[Task item]
Please repeat exactly the lines below from the one containing "# 草图21 → 切除-拉伸1" down to the one containing "(-3127.031728627, 1426.732120581), align=None)", both included, and nothing else.
─── Excerpted records ───
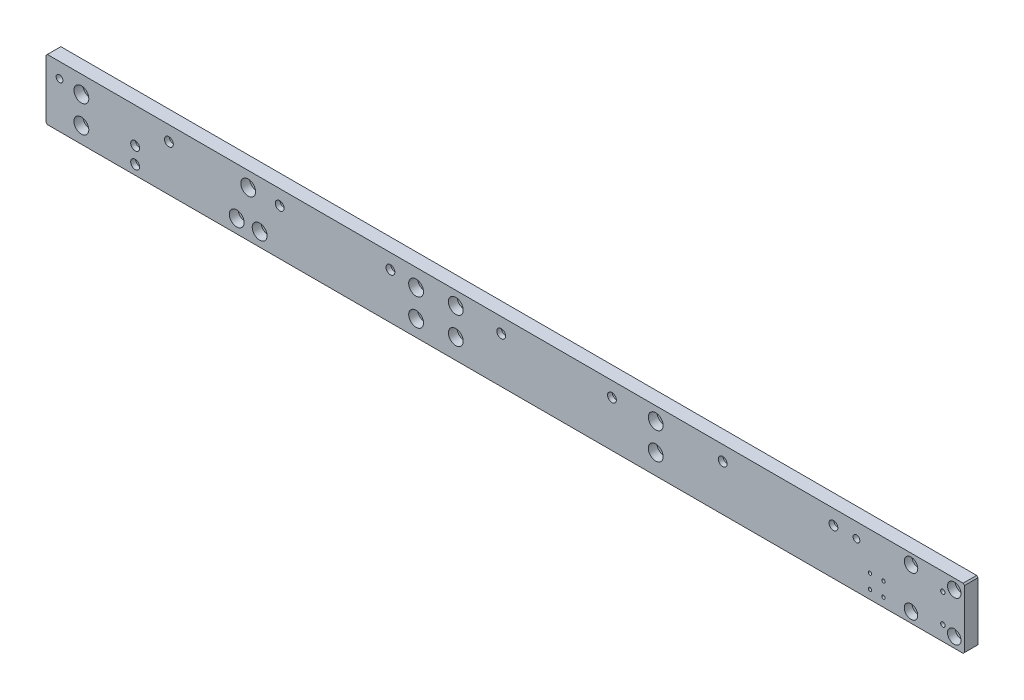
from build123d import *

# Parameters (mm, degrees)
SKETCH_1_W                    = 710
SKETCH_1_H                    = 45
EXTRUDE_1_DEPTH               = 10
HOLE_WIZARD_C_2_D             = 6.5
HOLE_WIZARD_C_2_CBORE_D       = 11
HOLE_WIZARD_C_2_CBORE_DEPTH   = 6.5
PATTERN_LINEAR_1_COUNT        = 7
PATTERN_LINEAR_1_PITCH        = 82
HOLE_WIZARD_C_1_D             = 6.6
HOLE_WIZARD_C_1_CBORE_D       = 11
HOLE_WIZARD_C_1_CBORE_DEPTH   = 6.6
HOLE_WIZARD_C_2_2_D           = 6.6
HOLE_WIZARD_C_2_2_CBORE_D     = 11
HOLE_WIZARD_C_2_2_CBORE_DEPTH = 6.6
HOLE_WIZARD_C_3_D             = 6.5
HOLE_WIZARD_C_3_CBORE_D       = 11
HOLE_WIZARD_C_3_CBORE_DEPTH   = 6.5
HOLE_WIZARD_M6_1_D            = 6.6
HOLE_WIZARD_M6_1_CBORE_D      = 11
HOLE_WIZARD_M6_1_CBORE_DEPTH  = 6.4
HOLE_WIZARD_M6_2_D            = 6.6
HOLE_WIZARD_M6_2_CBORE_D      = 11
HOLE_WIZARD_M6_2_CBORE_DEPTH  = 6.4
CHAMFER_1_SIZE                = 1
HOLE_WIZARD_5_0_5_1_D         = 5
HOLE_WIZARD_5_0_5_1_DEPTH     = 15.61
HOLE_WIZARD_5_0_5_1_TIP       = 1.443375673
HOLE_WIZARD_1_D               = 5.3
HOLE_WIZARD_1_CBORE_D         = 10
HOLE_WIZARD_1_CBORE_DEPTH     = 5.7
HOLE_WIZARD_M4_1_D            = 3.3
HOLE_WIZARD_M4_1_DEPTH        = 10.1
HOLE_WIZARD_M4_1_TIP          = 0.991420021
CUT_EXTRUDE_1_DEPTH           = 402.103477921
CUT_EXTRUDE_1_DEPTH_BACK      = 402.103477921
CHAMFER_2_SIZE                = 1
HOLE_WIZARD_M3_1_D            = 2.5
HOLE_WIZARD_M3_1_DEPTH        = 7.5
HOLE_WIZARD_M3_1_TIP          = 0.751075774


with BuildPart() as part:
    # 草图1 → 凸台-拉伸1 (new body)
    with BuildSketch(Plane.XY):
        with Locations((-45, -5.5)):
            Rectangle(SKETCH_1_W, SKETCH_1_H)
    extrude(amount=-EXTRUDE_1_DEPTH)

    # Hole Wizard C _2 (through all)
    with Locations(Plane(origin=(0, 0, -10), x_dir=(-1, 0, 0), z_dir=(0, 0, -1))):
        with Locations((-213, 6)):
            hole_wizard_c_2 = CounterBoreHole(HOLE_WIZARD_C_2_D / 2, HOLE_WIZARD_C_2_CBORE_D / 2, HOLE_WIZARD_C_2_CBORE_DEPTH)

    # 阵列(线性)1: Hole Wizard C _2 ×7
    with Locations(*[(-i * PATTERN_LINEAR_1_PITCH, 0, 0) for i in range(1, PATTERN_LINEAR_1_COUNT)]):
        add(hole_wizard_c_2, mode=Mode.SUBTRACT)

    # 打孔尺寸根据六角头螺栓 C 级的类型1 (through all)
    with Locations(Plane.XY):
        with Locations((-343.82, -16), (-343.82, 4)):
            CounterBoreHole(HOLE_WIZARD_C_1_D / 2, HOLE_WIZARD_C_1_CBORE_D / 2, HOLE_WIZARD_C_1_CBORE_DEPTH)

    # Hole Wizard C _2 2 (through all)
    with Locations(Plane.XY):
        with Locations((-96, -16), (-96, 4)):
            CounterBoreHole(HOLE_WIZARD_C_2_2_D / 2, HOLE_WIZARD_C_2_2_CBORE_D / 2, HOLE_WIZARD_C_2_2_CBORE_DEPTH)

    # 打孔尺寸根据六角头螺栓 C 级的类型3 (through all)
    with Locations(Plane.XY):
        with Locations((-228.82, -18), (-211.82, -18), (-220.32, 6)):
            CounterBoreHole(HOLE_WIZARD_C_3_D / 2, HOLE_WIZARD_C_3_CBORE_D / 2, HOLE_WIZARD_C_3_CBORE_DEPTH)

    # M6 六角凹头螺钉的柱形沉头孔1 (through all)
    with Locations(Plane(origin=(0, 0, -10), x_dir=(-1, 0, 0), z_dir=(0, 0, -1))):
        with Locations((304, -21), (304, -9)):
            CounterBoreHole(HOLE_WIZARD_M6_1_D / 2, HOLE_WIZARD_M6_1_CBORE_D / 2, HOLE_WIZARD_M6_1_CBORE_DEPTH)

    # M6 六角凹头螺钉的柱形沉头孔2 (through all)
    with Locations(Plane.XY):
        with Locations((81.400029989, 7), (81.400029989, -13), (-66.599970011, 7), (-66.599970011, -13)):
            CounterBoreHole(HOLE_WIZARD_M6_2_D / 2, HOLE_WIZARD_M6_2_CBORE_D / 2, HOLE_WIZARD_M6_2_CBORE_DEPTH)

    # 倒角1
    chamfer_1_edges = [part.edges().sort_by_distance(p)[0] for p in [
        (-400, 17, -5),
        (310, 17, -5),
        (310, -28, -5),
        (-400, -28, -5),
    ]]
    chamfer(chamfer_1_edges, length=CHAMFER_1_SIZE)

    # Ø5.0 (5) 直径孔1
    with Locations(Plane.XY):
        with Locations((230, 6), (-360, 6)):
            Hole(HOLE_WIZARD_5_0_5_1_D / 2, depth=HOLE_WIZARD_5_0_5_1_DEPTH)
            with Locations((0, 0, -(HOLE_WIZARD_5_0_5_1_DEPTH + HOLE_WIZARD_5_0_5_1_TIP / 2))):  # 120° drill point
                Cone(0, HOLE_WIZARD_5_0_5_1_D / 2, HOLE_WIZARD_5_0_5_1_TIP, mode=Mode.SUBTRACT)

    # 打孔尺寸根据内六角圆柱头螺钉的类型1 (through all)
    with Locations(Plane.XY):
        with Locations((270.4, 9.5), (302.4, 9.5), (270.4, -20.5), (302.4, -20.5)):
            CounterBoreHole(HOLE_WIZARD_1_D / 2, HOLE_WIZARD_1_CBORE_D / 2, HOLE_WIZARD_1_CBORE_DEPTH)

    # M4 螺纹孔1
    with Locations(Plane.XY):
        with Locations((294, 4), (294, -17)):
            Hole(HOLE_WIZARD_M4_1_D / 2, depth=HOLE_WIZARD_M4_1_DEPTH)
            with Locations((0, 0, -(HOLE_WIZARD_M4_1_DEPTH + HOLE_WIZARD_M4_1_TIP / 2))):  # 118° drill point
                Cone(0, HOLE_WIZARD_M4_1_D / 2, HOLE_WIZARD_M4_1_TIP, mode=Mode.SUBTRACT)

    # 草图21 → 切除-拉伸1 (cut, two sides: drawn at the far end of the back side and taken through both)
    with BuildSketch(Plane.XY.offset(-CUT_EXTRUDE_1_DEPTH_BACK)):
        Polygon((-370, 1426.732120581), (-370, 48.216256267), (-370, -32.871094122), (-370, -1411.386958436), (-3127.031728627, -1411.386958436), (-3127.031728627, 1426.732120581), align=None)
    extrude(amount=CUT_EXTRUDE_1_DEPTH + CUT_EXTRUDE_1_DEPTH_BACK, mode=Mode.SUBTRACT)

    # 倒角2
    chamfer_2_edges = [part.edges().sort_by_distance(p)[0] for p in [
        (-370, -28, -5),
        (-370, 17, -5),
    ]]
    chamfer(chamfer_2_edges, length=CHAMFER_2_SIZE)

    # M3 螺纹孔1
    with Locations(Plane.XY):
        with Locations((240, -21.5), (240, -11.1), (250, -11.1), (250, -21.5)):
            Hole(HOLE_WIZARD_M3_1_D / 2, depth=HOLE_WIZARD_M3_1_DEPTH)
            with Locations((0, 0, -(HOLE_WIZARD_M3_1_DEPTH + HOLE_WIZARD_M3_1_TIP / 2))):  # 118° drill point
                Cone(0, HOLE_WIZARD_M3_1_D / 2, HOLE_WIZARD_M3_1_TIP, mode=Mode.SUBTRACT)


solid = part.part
───
[Written response]
    # 草图21 → 切除-拉伸1 (cut, two sides: drawn at the far end of the back side and taken through both)
    with BuildSketch(Plane.XY.offset(-CUT_EXTRUDE_1_DEPTH_BACK)):
        Polygon((-370, 1426.732120581), (-370, 48.216256267), (-370, -32.871094122), (-370, -1411.386958436), (-3127.031728627, -1411.386958436), (-3127.031728627, 1426.732120581), align=None)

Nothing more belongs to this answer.